Exercise directions – Reproduce verbatim only the lines from the one containing "x_axis=(-0.727262285553, 0.686359649172, 0.0)))" through the last line below, both included.
:: Records supplied
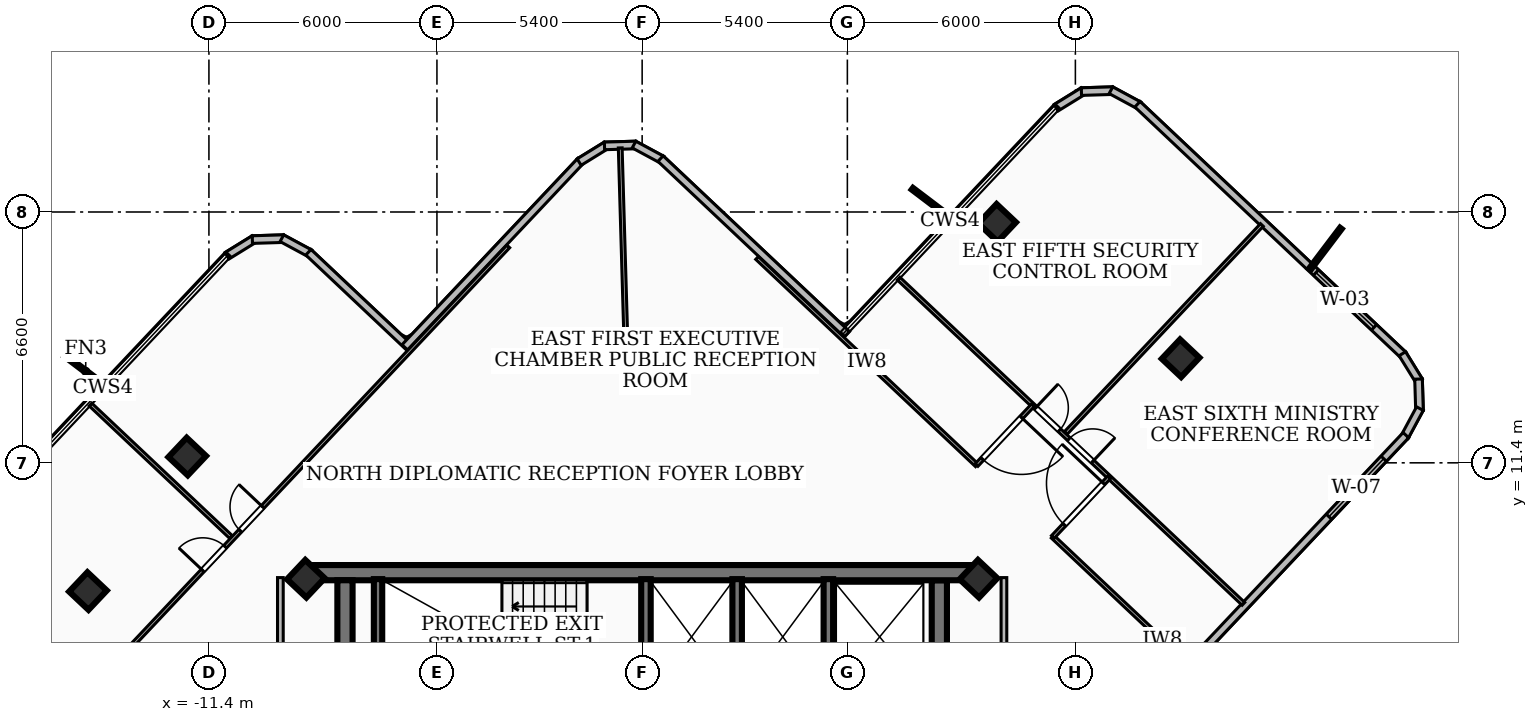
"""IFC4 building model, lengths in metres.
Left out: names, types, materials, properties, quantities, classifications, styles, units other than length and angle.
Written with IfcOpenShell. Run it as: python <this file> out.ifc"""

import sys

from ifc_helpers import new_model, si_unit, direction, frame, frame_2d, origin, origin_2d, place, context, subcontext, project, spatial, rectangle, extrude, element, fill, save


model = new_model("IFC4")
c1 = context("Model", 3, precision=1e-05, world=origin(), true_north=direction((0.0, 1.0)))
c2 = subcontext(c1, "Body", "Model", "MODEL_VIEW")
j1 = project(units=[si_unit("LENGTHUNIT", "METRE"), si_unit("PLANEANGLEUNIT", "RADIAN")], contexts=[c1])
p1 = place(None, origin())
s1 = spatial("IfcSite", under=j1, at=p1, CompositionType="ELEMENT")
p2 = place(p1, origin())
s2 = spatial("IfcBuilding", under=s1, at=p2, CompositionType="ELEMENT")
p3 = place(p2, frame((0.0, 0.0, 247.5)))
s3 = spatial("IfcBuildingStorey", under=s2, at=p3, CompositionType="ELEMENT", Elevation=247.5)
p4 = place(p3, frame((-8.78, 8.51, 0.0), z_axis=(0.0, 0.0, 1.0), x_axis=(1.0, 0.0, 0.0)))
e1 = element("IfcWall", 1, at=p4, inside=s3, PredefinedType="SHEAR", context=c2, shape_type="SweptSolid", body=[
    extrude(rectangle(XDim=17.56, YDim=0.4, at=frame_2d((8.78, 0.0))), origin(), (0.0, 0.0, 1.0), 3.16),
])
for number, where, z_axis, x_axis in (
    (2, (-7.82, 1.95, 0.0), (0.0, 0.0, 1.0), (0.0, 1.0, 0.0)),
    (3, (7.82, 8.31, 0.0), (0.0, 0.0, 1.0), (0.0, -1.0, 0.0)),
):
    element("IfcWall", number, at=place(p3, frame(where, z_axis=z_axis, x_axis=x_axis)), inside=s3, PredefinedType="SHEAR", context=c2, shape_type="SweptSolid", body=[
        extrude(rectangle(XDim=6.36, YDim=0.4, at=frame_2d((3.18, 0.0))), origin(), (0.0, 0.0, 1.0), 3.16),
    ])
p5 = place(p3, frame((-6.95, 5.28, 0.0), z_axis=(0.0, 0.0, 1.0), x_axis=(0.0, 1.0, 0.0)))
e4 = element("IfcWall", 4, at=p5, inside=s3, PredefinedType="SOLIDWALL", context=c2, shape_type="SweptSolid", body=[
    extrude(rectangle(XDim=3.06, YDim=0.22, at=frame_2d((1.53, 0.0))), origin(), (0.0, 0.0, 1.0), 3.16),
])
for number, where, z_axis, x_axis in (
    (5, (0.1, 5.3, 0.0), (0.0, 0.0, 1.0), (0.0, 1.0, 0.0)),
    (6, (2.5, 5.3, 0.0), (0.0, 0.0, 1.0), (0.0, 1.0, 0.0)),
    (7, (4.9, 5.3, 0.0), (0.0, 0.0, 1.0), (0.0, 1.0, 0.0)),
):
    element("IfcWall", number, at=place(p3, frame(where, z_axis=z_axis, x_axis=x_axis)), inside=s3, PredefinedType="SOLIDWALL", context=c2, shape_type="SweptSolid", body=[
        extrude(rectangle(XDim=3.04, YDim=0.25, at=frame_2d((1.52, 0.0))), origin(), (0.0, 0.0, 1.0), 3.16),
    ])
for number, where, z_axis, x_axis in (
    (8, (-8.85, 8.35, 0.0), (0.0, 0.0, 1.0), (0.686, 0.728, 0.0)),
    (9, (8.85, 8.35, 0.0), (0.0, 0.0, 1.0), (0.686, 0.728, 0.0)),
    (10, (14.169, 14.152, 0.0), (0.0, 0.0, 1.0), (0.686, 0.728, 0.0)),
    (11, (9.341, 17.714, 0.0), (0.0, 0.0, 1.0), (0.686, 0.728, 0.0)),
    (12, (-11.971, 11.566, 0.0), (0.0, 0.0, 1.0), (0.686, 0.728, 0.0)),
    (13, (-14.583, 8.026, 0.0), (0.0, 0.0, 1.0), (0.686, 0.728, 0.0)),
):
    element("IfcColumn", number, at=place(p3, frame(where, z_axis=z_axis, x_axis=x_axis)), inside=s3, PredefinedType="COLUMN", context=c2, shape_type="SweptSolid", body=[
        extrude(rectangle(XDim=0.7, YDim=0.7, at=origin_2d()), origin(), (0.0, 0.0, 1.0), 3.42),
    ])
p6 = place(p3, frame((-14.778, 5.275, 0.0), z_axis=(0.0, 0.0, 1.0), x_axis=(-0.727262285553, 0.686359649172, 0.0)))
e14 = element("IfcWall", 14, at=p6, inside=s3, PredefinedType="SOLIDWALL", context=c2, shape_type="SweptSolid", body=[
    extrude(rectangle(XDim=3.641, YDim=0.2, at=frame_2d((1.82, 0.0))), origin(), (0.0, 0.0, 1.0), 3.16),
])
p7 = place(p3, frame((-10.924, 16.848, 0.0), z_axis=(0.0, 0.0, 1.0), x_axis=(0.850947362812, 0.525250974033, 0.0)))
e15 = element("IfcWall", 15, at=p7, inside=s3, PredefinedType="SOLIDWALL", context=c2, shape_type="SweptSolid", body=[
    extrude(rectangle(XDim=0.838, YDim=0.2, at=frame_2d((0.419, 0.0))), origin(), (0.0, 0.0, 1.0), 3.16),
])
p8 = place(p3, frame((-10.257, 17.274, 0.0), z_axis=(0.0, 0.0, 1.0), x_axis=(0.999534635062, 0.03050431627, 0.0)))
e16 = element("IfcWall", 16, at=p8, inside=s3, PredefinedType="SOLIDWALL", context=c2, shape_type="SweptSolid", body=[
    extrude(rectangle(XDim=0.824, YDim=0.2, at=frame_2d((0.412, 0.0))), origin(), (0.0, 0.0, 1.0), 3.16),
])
::::
Task solution –
p6 = place(p3, frame((-14.778, 5.275, 0.0), z_axis=(0.0, 0.0, 1.0), x_axis=(-0.727262285553, 0.686359649172, 0.0)))
e14 = element("IfcWall", 14, at=p6, inside=s3, PredefinedType="SOLIDWALL", context=c2, shape_type="SweptSolid", body=[
    extrude(rectangle(XDim=3.641, YDim=0.2, at=frame_2d((1.82, 0.0))), origin(), (0.0, 0.0, 1.0), 3.16),
])
p7 = place(p3, frame((-10.924, 16.848, 0.0), z_axis=(0.0, 0.0, 1.0), x_axis=(0.850947362812, 0.525250974033, 0.0)))
e15 = element("IfcWall", 15, at=p7, inside=s3, PredefinedType="SOLIDWALL", context=c2, shape_type="SweptSolid", body=[
    extrude(rectangle(XDim=0.838, YDim=0.2, at=frame_2d((0.419, 0.0))), origin(), (0.0, 0.0, 1.0), 3.16),
])
p8 = place(p3, frame((-10.257, 17.274, 0.0), z_axis=(0.0, 0.0, 1.0), x_axis=(0.999534635062, 0.03050431627, 0.0)))
e16 = element("IfcWall", 16, at=p8, inside=s3, PredefinedType="SOLIDWALL", context=c2, shape_type="SweptSolid", body=[
    extrude(rectangle(XDim=0.824, YDim=0.2, at=frame_2d((0.412, 0.0))), origin(), (0.0, 0.0, 1.0), 3.16),
])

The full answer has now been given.